▶ _INFORMATION_:
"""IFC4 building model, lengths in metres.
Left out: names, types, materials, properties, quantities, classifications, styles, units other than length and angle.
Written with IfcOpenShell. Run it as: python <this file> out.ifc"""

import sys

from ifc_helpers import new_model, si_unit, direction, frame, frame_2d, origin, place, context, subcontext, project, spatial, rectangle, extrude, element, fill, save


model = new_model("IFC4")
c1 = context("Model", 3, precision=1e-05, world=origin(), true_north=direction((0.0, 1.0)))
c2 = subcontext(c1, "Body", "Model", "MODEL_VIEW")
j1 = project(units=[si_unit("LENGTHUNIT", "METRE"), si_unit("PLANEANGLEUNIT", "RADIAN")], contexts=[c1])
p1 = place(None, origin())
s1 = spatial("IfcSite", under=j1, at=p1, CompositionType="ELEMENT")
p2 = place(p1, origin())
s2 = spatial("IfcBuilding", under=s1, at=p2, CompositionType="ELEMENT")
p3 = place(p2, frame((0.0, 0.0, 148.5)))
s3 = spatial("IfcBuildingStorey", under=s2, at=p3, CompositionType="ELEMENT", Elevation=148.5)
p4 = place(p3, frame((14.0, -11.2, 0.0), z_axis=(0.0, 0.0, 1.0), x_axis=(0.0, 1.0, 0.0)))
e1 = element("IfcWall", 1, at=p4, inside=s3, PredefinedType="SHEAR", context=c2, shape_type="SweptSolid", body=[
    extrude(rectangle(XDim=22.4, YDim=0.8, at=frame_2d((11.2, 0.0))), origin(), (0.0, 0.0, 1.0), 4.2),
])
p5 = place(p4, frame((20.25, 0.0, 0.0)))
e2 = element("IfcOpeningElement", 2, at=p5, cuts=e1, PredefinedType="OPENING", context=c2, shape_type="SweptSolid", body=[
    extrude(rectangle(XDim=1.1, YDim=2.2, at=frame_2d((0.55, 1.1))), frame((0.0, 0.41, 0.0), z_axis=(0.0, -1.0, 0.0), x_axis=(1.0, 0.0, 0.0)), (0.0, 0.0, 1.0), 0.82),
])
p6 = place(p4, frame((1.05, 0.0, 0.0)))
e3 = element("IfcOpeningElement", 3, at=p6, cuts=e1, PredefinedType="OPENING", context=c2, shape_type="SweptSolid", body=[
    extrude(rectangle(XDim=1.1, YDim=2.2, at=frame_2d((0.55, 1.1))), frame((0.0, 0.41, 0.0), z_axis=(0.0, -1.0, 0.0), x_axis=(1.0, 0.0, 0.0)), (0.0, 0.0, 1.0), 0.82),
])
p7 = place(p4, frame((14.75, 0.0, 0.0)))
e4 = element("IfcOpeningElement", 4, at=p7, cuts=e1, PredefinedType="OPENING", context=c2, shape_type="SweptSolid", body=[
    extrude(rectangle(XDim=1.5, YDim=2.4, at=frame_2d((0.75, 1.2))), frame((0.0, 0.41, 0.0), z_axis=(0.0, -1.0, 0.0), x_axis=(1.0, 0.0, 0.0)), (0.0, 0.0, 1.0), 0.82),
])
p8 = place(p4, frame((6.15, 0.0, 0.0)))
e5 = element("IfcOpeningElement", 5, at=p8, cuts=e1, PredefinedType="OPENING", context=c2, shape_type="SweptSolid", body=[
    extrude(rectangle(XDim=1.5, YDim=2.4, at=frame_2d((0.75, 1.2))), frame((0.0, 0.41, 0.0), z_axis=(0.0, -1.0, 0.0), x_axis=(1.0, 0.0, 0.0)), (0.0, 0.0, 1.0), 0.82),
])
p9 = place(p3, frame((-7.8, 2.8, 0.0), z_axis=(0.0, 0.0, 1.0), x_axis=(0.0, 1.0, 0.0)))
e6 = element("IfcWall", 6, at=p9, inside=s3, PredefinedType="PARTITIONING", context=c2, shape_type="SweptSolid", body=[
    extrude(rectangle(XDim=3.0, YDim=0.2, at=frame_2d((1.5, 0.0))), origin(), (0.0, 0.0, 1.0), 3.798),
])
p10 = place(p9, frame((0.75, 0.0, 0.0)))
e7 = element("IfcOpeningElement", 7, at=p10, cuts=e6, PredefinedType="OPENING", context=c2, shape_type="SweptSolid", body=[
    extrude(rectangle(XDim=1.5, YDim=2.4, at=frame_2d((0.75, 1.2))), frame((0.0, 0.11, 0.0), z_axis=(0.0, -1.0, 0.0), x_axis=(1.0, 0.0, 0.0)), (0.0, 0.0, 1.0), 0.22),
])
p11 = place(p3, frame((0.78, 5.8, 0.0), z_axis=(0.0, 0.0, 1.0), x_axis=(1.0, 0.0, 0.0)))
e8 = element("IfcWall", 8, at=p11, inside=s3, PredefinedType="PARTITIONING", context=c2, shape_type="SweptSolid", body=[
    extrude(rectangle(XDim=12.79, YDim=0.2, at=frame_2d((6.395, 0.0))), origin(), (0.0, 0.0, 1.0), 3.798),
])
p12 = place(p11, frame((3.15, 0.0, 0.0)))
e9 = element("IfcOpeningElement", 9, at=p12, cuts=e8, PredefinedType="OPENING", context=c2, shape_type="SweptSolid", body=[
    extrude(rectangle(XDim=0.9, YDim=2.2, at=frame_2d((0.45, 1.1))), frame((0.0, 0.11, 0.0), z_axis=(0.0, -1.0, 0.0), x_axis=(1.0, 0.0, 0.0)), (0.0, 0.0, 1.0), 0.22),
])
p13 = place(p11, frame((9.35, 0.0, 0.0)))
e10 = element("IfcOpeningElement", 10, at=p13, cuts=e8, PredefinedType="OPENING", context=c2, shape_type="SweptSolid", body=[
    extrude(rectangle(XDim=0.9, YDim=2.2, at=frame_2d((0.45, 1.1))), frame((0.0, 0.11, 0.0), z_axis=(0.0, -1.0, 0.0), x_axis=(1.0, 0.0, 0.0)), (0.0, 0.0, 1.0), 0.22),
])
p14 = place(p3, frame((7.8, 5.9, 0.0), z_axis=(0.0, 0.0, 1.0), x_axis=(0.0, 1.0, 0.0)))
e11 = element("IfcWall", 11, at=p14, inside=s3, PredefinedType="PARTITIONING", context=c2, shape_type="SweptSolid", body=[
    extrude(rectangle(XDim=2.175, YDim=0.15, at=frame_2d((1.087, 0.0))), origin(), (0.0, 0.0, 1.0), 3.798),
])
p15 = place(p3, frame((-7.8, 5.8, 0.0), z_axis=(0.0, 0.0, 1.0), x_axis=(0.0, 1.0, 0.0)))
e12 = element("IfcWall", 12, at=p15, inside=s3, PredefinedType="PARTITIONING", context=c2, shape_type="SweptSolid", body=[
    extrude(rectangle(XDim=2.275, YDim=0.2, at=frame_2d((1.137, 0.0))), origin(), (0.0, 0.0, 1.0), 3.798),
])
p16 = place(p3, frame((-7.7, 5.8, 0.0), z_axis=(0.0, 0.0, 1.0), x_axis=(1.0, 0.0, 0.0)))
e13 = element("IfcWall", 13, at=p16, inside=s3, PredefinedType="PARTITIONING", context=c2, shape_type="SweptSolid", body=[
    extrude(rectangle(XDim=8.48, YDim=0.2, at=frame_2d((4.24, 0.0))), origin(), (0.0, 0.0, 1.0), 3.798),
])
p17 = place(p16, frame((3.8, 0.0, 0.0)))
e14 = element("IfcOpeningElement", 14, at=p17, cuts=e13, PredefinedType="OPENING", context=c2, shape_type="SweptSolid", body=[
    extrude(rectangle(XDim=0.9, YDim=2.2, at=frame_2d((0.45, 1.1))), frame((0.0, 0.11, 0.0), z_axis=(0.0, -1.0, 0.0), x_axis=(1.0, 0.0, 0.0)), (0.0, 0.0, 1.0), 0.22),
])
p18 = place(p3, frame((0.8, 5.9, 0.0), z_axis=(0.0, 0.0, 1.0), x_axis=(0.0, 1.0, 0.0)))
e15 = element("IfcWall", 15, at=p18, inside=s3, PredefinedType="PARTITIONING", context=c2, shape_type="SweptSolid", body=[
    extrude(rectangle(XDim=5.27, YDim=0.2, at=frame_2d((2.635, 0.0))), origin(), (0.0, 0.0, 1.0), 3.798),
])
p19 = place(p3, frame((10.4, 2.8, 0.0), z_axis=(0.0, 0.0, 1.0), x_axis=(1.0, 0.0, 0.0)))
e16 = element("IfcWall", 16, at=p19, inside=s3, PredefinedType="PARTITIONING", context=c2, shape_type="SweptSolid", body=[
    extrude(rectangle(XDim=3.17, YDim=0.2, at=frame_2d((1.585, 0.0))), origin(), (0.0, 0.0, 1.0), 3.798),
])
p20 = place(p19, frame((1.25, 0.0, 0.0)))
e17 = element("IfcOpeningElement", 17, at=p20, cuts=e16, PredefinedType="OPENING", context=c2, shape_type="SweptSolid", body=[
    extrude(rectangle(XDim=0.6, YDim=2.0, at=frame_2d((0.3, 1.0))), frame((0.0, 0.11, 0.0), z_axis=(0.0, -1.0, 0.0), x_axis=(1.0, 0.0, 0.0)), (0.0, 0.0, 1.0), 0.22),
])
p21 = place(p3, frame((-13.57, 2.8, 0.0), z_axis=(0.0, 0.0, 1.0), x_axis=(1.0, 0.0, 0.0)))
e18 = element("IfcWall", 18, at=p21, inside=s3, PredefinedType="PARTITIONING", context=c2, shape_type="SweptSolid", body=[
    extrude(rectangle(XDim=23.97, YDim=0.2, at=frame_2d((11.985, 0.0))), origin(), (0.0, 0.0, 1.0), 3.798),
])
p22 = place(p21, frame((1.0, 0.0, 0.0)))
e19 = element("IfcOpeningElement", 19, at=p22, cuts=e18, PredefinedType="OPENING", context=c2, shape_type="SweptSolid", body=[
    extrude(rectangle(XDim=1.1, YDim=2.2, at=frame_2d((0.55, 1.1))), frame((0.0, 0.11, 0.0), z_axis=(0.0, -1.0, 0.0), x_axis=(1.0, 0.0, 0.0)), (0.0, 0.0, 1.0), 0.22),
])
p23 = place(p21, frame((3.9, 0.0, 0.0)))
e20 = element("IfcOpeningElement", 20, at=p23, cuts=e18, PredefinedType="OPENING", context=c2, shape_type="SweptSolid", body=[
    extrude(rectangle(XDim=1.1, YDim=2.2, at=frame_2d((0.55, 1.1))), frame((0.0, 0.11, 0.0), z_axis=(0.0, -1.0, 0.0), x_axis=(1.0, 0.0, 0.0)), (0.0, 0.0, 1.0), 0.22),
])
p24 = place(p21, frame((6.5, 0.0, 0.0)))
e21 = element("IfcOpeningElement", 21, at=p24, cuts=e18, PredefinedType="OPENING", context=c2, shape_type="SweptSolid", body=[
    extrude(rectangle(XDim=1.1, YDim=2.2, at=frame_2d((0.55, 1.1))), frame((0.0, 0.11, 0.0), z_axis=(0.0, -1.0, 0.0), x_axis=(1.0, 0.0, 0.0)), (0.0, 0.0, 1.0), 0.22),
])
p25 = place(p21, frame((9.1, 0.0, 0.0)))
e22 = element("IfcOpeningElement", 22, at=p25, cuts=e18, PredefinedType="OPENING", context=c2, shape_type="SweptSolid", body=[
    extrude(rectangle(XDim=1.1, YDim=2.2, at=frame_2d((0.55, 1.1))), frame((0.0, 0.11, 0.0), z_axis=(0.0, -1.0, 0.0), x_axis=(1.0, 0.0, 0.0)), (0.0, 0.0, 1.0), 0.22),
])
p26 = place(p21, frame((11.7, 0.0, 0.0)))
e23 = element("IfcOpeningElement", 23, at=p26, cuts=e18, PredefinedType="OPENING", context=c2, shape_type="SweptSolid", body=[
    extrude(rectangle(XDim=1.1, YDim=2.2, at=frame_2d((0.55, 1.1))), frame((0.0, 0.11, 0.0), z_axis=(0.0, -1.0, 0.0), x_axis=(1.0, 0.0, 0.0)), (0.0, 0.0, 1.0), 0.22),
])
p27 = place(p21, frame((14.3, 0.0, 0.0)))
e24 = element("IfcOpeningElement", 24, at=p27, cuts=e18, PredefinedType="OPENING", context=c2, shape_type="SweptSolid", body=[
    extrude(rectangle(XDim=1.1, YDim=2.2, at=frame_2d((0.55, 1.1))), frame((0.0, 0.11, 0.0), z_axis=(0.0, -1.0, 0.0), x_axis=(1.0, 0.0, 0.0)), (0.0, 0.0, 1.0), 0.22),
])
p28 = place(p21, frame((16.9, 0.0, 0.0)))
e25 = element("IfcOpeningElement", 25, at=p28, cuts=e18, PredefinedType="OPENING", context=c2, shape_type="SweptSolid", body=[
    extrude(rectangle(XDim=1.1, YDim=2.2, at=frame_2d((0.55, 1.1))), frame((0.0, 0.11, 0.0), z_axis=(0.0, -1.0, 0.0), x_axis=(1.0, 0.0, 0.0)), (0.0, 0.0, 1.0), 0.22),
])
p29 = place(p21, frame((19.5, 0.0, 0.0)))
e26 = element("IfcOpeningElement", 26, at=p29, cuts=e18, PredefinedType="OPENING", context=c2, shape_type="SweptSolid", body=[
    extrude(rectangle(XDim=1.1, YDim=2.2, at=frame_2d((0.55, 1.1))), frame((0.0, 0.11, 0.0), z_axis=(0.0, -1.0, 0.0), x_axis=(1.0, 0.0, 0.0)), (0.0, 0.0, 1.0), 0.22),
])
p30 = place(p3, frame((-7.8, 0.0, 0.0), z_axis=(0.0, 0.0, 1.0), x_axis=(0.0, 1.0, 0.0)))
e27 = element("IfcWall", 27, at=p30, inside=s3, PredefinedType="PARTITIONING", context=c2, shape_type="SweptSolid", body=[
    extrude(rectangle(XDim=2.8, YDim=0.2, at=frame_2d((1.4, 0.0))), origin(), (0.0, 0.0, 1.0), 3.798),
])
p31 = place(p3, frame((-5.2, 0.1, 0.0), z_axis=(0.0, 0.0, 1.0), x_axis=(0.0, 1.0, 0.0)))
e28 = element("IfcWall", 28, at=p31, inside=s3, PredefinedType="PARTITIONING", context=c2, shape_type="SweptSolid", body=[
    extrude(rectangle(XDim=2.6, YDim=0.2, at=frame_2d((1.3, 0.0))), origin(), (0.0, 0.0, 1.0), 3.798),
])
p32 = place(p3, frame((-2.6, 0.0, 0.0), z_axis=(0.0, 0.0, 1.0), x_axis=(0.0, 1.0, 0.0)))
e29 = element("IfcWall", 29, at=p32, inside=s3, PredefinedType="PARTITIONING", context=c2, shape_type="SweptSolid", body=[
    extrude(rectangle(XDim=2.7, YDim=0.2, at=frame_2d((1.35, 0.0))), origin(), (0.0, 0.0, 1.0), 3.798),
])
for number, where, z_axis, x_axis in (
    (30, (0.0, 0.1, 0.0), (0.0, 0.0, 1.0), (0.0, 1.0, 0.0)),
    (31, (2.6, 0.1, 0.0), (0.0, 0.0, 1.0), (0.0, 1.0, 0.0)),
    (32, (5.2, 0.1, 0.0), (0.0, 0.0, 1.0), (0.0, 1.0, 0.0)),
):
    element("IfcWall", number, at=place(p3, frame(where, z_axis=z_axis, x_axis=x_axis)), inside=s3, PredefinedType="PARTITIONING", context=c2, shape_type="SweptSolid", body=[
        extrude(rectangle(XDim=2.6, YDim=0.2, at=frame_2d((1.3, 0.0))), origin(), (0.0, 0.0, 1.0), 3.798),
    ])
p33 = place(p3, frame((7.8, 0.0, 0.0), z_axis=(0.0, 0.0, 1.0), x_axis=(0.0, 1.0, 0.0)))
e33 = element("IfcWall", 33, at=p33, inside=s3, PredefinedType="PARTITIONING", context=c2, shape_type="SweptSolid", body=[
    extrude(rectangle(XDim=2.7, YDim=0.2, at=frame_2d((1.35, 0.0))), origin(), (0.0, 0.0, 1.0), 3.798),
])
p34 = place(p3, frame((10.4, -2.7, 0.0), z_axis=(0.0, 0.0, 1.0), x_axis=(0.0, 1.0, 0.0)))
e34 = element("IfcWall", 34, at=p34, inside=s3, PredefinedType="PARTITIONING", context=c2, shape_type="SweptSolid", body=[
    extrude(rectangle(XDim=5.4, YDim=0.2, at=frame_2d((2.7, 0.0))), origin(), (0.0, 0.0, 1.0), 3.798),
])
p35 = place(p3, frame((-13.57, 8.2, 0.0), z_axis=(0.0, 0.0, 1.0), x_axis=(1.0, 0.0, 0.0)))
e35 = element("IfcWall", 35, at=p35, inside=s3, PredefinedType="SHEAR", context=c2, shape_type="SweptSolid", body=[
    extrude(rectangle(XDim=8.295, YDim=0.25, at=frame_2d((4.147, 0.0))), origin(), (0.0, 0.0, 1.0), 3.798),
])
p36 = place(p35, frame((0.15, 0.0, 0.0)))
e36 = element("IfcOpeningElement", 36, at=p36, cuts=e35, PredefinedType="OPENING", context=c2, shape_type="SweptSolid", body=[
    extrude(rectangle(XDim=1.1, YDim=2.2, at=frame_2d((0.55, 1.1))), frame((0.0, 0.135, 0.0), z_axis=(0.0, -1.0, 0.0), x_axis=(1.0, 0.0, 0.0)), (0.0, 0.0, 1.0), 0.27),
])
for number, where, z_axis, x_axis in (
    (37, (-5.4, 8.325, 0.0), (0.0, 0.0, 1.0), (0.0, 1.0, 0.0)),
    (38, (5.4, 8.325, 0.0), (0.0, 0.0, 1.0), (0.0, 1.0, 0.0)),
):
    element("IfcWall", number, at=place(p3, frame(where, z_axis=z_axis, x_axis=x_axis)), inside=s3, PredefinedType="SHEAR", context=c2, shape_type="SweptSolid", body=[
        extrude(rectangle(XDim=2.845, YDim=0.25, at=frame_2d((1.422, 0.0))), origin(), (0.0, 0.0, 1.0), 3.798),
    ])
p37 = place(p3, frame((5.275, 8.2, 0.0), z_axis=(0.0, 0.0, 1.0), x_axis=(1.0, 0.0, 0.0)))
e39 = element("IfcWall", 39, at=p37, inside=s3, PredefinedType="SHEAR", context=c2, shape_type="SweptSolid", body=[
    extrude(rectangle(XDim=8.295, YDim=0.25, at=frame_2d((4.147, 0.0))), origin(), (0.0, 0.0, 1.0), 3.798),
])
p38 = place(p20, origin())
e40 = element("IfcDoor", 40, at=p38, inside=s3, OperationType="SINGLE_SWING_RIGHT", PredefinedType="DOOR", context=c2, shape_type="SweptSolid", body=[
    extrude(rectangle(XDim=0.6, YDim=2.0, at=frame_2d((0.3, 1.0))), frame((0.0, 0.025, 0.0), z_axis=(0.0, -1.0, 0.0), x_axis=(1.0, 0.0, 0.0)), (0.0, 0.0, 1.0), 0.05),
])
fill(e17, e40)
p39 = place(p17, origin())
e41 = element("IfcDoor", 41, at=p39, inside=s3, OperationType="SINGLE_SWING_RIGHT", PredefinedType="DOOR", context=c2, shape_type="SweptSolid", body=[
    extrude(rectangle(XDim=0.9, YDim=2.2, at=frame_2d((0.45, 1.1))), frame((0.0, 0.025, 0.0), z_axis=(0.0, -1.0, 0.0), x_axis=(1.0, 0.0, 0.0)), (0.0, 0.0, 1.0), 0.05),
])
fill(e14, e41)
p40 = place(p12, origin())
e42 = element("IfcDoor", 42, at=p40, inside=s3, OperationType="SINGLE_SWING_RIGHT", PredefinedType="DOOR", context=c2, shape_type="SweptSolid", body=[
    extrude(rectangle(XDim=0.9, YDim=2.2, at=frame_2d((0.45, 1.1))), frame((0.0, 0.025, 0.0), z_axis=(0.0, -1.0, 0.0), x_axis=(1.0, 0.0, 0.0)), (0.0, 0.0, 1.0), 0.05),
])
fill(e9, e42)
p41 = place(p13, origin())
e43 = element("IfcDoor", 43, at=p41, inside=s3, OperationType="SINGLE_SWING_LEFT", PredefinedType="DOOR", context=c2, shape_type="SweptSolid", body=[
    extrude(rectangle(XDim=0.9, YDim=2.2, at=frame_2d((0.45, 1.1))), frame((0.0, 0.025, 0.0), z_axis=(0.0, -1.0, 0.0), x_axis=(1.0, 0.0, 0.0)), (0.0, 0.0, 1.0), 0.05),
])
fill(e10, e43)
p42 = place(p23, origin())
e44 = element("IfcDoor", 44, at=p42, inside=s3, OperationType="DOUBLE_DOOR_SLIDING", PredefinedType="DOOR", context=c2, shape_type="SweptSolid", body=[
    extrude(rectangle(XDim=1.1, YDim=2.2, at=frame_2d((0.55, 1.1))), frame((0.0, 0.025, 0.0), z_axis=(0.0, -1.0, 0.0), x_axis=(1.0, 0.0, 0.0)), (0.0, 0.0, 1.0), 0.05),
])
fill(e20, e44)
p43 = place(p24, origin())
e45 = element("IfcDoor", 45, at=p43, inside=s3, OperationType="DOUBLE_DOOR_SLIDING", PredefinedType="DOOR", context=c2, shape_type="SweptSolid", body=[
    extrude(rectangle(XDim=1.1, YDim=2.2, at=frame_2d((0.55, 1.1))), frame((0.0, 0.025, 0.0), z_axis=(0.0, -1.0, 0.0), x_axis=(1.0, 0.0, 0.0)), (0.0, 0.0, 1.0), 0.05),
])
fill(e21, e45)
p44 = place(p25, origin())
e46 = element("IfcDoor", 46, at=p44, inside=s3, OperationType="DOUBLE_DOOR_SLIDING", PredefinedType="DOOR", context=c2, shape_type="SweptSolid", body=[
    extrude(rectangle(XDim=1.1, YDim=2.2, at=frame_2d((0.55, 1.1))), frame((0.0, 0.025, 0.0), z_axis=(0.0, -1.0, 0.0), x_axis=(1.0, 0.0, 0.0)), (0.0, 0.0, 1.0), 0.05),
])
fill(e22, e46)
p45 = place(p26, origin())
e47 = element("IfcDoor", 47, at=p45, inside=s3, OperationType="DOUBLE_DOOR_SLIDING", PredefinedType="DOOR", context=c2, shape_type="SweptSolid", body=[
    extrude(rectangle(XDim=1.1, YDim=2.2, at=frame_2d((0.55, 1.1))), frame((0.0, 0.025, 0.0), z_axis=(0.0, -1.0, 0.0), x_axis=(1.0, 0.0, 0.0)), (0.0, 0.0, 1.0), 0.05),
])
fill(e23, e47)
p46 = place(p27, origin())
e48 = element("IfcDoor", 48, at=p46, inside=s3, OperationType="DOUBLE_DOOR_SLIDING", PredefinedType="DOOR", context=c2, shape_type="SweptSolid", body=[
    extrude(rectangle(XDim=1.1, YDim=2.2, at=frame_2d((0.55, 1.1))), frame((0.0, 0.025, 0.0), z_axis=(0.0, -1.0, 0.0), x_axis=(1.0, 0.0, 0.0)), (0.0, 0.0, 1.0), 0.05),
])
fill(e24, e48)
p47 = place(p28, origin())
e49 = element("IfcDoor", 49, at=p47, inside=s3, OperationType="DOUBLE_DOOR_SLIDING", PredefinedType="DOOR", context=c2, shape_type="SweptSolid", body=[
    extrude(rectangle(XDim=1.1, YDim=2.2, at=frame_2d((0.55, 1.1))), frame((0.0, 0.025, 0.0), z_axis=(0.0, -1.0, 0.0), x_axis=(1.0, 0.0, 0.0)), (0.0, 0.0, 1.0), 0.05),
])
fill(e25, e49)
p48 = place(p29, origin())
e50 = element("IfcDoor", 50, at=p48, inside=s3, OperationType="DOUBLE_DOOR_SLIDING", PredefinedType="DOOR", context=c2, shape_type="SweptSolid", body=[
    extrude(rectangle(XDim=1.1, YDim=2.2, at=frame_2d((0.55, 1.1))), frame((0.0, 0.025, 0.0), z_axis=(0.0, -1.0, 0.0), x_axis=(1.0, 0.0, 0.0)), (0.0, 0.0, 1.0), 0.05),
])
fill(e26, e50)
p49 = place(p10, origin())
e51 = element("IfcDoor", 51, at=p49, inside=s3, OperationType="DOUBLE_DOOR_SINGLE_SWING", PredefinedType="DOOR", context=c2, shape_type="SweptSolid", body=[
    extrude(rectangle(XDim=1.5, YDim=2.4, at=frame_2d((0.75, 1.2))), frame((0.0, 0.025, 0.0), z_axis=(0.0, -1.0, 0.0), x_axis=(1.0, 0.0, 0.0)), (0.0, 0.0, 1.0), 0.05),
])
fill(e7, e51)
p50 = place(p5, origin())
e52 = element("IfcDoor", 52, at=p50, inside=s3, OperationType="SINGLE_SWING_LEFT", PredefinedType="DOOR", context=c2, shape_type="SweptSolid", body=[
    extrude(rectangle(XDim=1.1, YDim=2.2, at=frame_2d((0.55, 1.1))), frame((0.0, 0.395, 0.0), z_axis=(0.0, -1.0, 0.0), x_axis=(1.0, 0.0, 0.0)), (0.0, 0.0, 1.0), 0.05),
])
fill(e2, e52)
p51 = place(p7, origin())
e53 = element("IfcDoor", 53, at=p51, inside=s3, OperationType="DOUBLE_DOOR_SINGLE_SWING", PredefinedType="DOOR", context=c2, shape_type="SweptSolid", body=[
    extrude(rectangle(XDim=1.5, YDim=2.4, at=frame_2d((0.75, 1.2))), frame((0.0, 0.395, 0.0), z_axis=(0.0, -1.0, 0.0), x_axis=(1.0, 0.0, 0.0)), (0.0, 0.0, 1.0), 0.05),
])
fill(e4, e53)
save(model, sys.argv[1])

▶ _WHAT TO DO_: Among the lines above, find those carrying the word "units" and copy them out.

▶ _RESULT FOR THIS TASK_:
Left out: names, types, materials, properties, quantities, classifications, styles, units other than length and angle.
j1 = project(units=[si_unit("LENGTHUNIT", "METRE"), si_unit("PLANEANGLEUNIT", "RADIAN")], contexts=[c1])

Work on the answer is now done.